Exercise directions:
Tally the lines of the data that include the word "under". Only the number is to be returned.

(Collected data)
--------

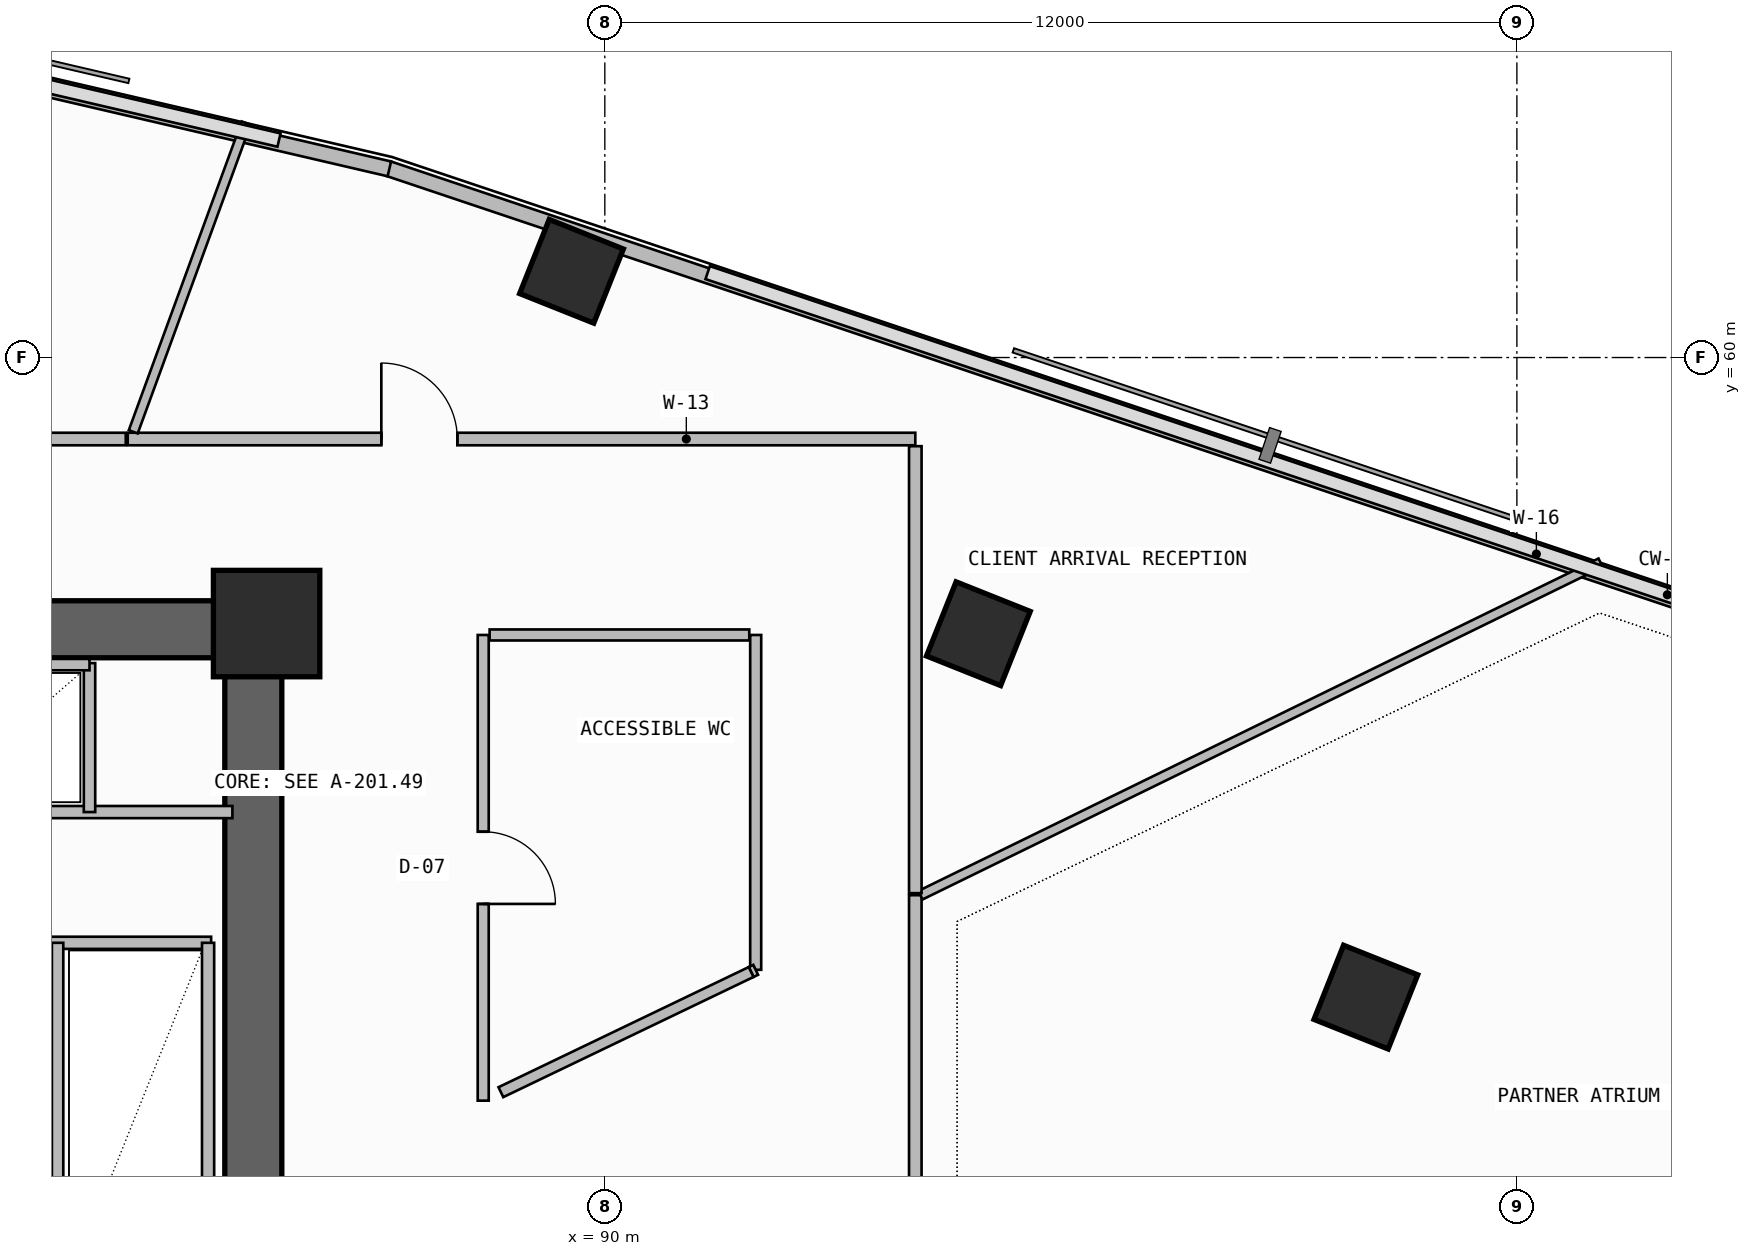
"""IFC4 building model, lengths in metres.
Left out: names, types, materials, properties, quantities, classifications, styles, units other than length and angle.
Written with IfcOpenShell. Run it as: python <this file> out.ifc"""

import sys

from ifc_helpers import new_model, si_unit, direction, frame, frame_2d, origin, origin_2d, place, context, subcontext, project, spatial, rectangle, extrude, element, fill, save


model = new_model("IFC4")
c1 = context("Model", 3, precision=1e-05, world=origin(), true_north=direction((0.0, 1.0)))
c2 = subcontext(c1, "Body", "Model", "MODEL_VIEW")
j1 = project(units=[si_unit("LENGTHUNIT", "METRE"), si_unit("PLANEANGLEUNIT", "RADIAN")], contexts=[c1])
p1 = place(None, origin())
s1 = spatial("IfcSite", under=j1, at=p1, CompositionType="ELEMENT")
p2 = place(p1, origin())
s2 = spatial("IfcBuilding", under=s1, at=p2, CompositionType="ELEMENT")
p3 = place(p2, frame((0.0, 0.0, 175.5)))
s3 = spatial("IfcBuildingStorey", under=s2, at=p3, CompositionType="ELEMENT", Elevation=175.5)
p4 = place(p3, frame((72.0, 56.425, -0.26), z_axis=(0.0, 0.0, 1.0), x_axis=(1.0, 0.0, 0.0)))
e1 = element("IfcWall", 1, at=p4, inside=s3, PredefinedType="SHEAR", context=c2, shape_type="SweptSolid", body=[
    extrude(rectangle(XDim=13.75, YDim=0.75, at=frame_2d((6.875, 0.0))), origin(), (0.0, 0.0, 1.0), 3.6),
])
p5 = place(p3, frame((85.375, 47.6, -0.26), z_axis=(0.0, 0.0, 1.0), x_axis=(0.0, 1.0, 0.0)))
e2 = element("IfcWall", 2, at=p5, inside=s3, PredefinedType="SHEAR", context=c2, shape_type="SweptSolid", body=[
    extrude(rectangle(XDim=8.45, YDim=0.75, at=frame_2d((4.225, 0.0))), origin(), (0.0, 0.0, 1.0), 3.6),
])
p6 = place(p3, frame((85.55, 56.5, 0.0), z_axis=(0.0, 0.0, 1.0), x_axis=(1.0, 0.0, 0.0)))
e3 = element("IfcColumn", 3, at=p6, inside=s3, PredefinedType="COLUMN", context=c2, shape_type="SweptSolid", body=[
    extrude(rectangle(XDim=1.4, YDim=1.4, at=origin_2d()), origin(), (0.0, 0.0, 1.0), 3.6),
])
for number, where, z_axis, x_axis in (
    (4, (100.013, 51.585, 0.0), (0.0, 0.0, 1.0), (0.371, 0.929, 0.0)),
    (5, (94.915, 56.367, 0.0), (0.0, 0.0, 1.0), (0.371, 0.929, 0.0)),
    (6, (89.562, 61.135, 0.0), (0.0, 0.0, 1.0), (0.371, 0.929, 0.0)),
):
    element("IfcColumn", number, at=place(p3, frame(where, z_axis=z_axis, x_axis=x_axis)), inside=s3, PredefinedType="COLUMN", context=c2, shape_type="SweptSolid", body=[
        extrude(rectangle(XDim=1.05, YDim=1.05, at=origin_2d()), origin(), (0.0, 0.0, 1.0), 3.6),
    ])
p7 = place(p3, frame((117.363, 52.344, 0.0), z_axis=(0.0, 0.0, 1.0), x_axis=(-0.94800468727, 0.31825636351, 0.0)))
e7 = element("IfcWall", 7, at=p7, inside=s3, PredefinedType="PARAPET", context=c2, shape_type="SweptSolid", body=[
    extrude(rectangle(XDim=31.869, YDim=0.2, at=frame_2d((15.935, 0.0))), origin(), (0.0, 0.0, 1.0), 1.15),
])
p8 = place(p3, frame((87.165, 62.482, 0.0), z_axis=(0.0, 0.0, 1.0), x_axis=(-0.973958631559, 0.226725790352, 0.0)))
e8 = element("IfcWall", 8, at=p8, inside=s3, PredefinedType="PARAPET", context=c2, shape_type="SweptSolid", body=[
    extrude(rectangle(XDim=27.376, YDim=0.2, at=frame_2d((13.688, 0.0))), origin(), (0.0, 0.0, 1.0), 1.15),
])
p9 = place(p3, frame((80.6, 52.3, 0.0), z_axis=(0.0, 0.0, 1.0), x_axis=(1.0, 0.0, 0.0)))
e9 = element("IfcWall", 9, at=p9, inside=s3, PredefinedType="SOLIDWALL", context=c2, shape_type="SweptSolid", body=[
    extrude(rectangle(XDim=4.22, YDim=0.16, at=frame_2d((2.11, 0.0))), origin(), (0.0, 0.0, 1.0), 3.34),
])
for number, where, z_axis, x_axis in (
    (10, (80.6, 49.26, 0.0), (0.0, 0.0, 1.0), (1.0, 0.0, 0.0)),
    (11, (80.6, 50.78, 0.0), (0.0, 0.0, 1.0), (1.0, 0.0, 0.0)),
):
    element("IfcWall", number, at=place(p3, frame(where, z_axis=z_axis, x_axis=x_axis)), inside=s3, PredefinedType="PLUMBINGWALL", context=c2, shape_type="SweptSolid", body=[
        extrude(rectangle(XDim=2.2, YDim=0.15, at=frame_2d((1.1, 0.0))), origin(), (0.0, 0.0, 1.0), 3.34),
    ])
p10 = place(p3, frame((82.8, 47.7, 0.0), z_axis=(0.0, 0.0, 1.0), x_axis=(0.0, 1.0, 0.0)))
e12 = element("IfcWall", 12, at=p10, inside=s3, PredefinedType="PLUMBINGWALL", context=c2, shape_type="SweptSolid", body=[
    extrude(rectangle(XDim=4.6, YDim=0.15, at=frame_2d((2.3, 0.0))), origin(), (0.0, 0.0, 1.0), 3.34),
])
p11 = place(p3, frame((84.78, 47.7, 0.0), z_axis=(0.0, 0.0, 1.0), x_axis=(0.0, 1.0, 0.0)))
e13 = element("IfcWall", 13, at=p11, inside=s3, PredefinedType="SOLIDWALL", context=c2, shape_type="SweptSolid", body=[
    extrude(rectangle(XDim=4.6, YDim=0.16, at=frame_2d((2.3, 0.0))), origin(), (0.0, 0.0, 1.0), 3.34),
])
p12 = place(p3, frame((73.02, 54.02, 0.0), z_axis=(0.0, 0.0, 1.0), x_axis=(1.0, 0.0, 0.0)))
e14 = element("IfcWall", 14, at=p12, inside=s3, PredefinedType="SOLIDWALL", context=c2, shape_type="SweptSolid", body=[
    extrude(rectangle(XDim=12.08, YDim=0.16, at=frame_2d((6.04, 0.0))), origin(), (0.0, 0.0, 1.0), 3.34),
])
p13 = place(p3, frame((83.22, 54.02, 0.0), z_axis=(0.0, 0.0, 1.0), x_axis=(0.0, 1.0, 0.0)))
e15 = element("IfcWall", 15, at=p13, inside=s3, PredefinedType="SOLIDWALL", context=c2, shape_type="SweptSolid", body=[
    extrude(rectangle(XDim=1.96, YDim=0.15, at=frame_2d((0.98, 0.0))), origin(), (0.0, 0.0, 1.0), 3.34),
])
p14 = place(p3, frame((76.52, 55.96, 0.0), z_axis=(0.0, 0.0, 1.0), x_axis=(1.0, 0.0, 0.0)))
e16 = element("IfcWall", 16, at=p14, inside=s3, PredefinedType="SOLIDWALL", context=c2, shape_type="SweptSolid", body=[
    extrude(rectangle(XDim=6.7, YDim=0.15, at=frame_2d((3.35, 0.0))), origin(), (0.0, 0.0, 1.0), 3.34),
])
p15 = place(p3, frame((94.085, 43.714, 0.0), z_axis=(0.0, 0.0, 1.0), x_axis=(0.0, 1.0, 0.0)))
e17 = element("IfcWall", 17, at=p15, inside=s3, PredefinedType="PARTITIONING", context=c2, shape_type="SweptSolid", body=[
    extrude(rectangle(XDim=9.212, YDim=0.165, at=frame_2d((4.606, 0.0))), origin(), (0.0, 0.0, 1.0), 2.825),
])
p16 = place(p15, frame((4.106, 0.0, 0.0)))
e18 = element("IfcOpeningElement", 18, at=p16, cuts=e17, PredefinedType="OPENING", context=c2, shape_type="SweptSolid", body=[
    extrude(rectangle(XDim=1.0, YDim=2.2, at=frame_2d((0.5, 1.1))), frame((0.0, 0.093, 0.0), z_axis=(0.0, -1.0, 0.0), x_axis=(1.0, 0.0, 0.0)), (0.0, 0.0, 1.0), 0.185),
])
p17 = place(p3, frame((94.153, 52.927, 0.0), z_axis=(0.0, 0.0, 1.0), x_axis=(0.898440022674, 0.439096260127, 0.0)))
e19 = element("IfcWall", 19, at=p17, inside=s3, PredefinedType="PARTITIONING", context=c2, shape_type="SweptSolid", body=[
    extrude(rectangle(XDim=9.96, YDim=0.125, at=frame_2d((4.98, 0.0))), origin(), (0.0, 0.0, 1.0), 2.725),
])
p18 = place(p3, frame((88.4, 50.223, 0.0), z_axis=(0.0, 0.0, 1.0), x_axis=(0.0, 1.0, 0.0)))
e20 = element("IfcWall", 20, at=p18, inside=s3, PredefinedType="PARTITIONING", context=c2, shape_type="SweptSolid", body=[
    extrude(rectangle(XDim=6.127, YDim=0.145, at=frame_2d((3.063, 0.0))), origin(), (0.0, 0.0, 1.0), 2.825),
])
p19 = place(p18, frame((2.588, 0.0, 0.0)))
e21 = element("IfcOpeningElement", 21, at=p19, cuts=e20, PredefinedType="OPENING", context=c2, shape_type="SweptSolid", body=[
    extrude(rectangle(XDim=0.95, YDim=2.15, at=frame_2d((0.475, 1.075))), frame((0.0, 0.083, 0.0), z_axis=(0.0, -1.0, 0.0), x_axis=(1.0, 0.0, 0.0)), (0.0, 0.0, 1.0), 0.165),
])
p20 = place(p3, frame((91.985, 56.35, 0.0), z_axis=(0.0, 0.0, 1.0), x_axis=(0.0, -1.0, 0.0)))
e22 = element("IfcWall", 22, at=p20, inside=s3, PredefinedType="PARTITIONING", context=c2, shape_type="SweptSolid", body=[
    extrude(rectangle(XDim=4.406, YDim=0.145, at=frame_2d((2.203, 0.0))), origin(), (0.0, 0.0, 1.0), 2.825),
])
p21 = place(p3, frame((88.485, 56.35, 0.0), z_axis=(0.0, 0.0, 1.0), x_axis=(1.0, 0.0, 0.0)))
e23 = element("IfcWall", 23, at=p21, inside=s3, PredefinedType="PARTITIONING", context=c2, shape_type="SweptSolid", body=[
    extrude(rectangle(XDim=3.416, YDim=0.145, at=frame_2d((1.708, 0.0))), origin(), (0.0, 0.0, 1.0), 2.825),
])
p22 = place(p3, frame((91.985, 51.945, 0.0), z_axis=(0.0, 0.0, 1.0), x_axis=(-0.901637414301, -0.432492743445, 0.0)))
e24 = element("IfcWall", 24, at=p22, inside=s3, PredefinedType="PARTITIONING", context=c2, shape_type="SweptSolid", body=[
    extrude(rectangle(XDim=0.067, YDim=0.145, at=frame_2d((0.033, 0.0))), origin(), (0.0, 0.0, 1.0), 3.34),
])
p23 = place(p3, frame((94.085, 58.928, 0.0), z_axis=(0.0, 0.0, 1.0), x_axis=(-1.0, 0.0, 0.0)))
e25 = element("IfcWall", 25, at=p23, inside=s3, PredefinedType="PARTITIONING", context=c2, shape_type="SweptSolid", body=[
    extrude(rectangle(XDim=10.363, YDim=0.165, at=frame_2d((5.181, 0.0))), origin(), (0.0, 0.0, 1.0), 2.725),
])
p24 = place(p23, frame((6.026, 0.0, 0.0)))
e26 = element("IfcOpeningElement", 26, at=p24, cuts=e25, PredefinedType="OPENING", context=c2, shape_type="SweptSolid", body=[
    extrude(rectangle(XDim=1.0, YDim=2.2, at=frame_2d((0.5, 1.1))), frame((0.0, 0.093, 0.0), z_axis=(0.0, -1.0, 0.0), x_axis=(1.0, 0.0, 0.0)), (0.0, 0.0, 1.0), 0.185),
])
p25 = place(p3, frame((94.085, 52.953, 0.0), z_axis=(0.0, 0.0, 1.0), x_axis=(0.0, 1.0, 0.0)))
e27 = element("IfcWall", 27, at=p25, inside=s3, PredefinedType="PARTITIONING", context=c2, shape_type="SweptSolid", body=[
    extrude(rectangle(XDim=5.88, YDim=0.165, at=frame_2d((2.94, 0.0))), origin(), (0.0, 0.0, 1.0), 2.725),
])
p26 = place(p3, frame((83.795, 59.022, 0.0), z_axis=(0.0, 0.0, 1.0), x_axis=(0.343460112178, 0.939167264838, 0.0)))
e28 = element("IfcWall", 28, at=p26, inside=s3, PredefinedType="PARTITIONING", context=c2, shape_type="SweptSolid", body=[
    extrude(rectangle(XDim=4.325, YDim=0.125, at=frame_2d((2.163, 0.0))), origin(), (0.0, 0.0, 1.0), 3.34),
])
p27 = place(p3, frame((83.697, 58.928, 0.0), z_axis=(0.0, 0.0, 1.0), x_axis=(-1.0, 0.0, 0.0)))
e29 = element("IfcWall", 29, at=p27, inside=s3, PredefinedType="PARTITIONING", context=c2, shape_type="SweptSolid", body=[
    extrude(rectangle(XDim=6.029, YDim=0.165, at=frame_2d((3.014, 0.0))), origin(), (0.0, 0.0, 1.0), 3.34),
])
p28 = place(p27, frame((2.514, 0.0, 0.0)))
e30 = element("IfcOpeningElement", 30, at=p28, cuts=e29, PredefinedType="OPENING", context=c2, shape_type="SweptSolid", body=[
    extrude(rectangle(XDim=1.0, YDim=2.2, at=frame_2d((0.5, 1.1))), frame((0.0, 0.093, 0.0), z_axis=(0.0, -1.0, 0.0), x_axis=(1.0, 0.0, 0.0)), (0.0, 0.0, 1.0), 0.185),
])
p29 = place(p3, frame((91.925, 51.916, 0.0), z_axis=(0.0, 0.0, 1.0), x_axis=(-0.901452116441, -0.432878830348, 0.0)))
e31 = element("IfcWall", 31, at=p29, inside=s3, PredefinedType="PARTITIONING", context=c2, shape_type="SweptSolid", body=[
    extrude(rectangle(XDim=3.652, YDim=0.145, at=frame_2d((1.826, 0.0))), origin(), (0.0, 0.0, 1.0), 2.925),
])
p30 = place(p19, frame((0.95, 0.0, 0.0), z_axis=(0.0, 0.0, 1.0), x_axis=(-1.0, 0.0, 0.0)))
e32 = element("IfcDoor", 32, at=p30, inside=s3, OperationType="SINGLE_SWING_RIGHT", PredefinedType="DOOR", context=c2, shape_type="SweptSolid", body=[
    extrude(rectangle(XDim=0.95, YDim=2.15, at=frame_2d((0.475, 1.075))), frame((0.0, 0.025, 0.0), z_axis=(0.0, -1.0, 0.0), x_axis=(1.0, 0.0, 0.0)), (0.0, 0.0, 1.0), 0.05),
])
fill(e21, e32)
p31 = place(p24, frame((1.0, 0.0, 0.0), z_axis=(0.0, 0.0, 1.0), x_axis=(-1.0, 0.0, 0.0)))
e33 = element("IfcDoor", 33, at=p31, inside=s3, OperationType="SINGLE_SWING_LEFT", PredefinedType="DOOR", context=c2, shape_type="SweptSolid", body=[
    extrude(rectangle(XDim=1.0, YDim=2.2, at=frame_2d((0.5, 1.1))), frame((0.0, 0.025, 0.0), z_axis=(0.0, -1.0, 0.0), x_axis=(1.0, 0.0, 0.0)), (0.0, 0.0, 1.0), 0.05),
])
fill(e26, e33)
save(model, sys.argv[1])

--------

Output of the task:
3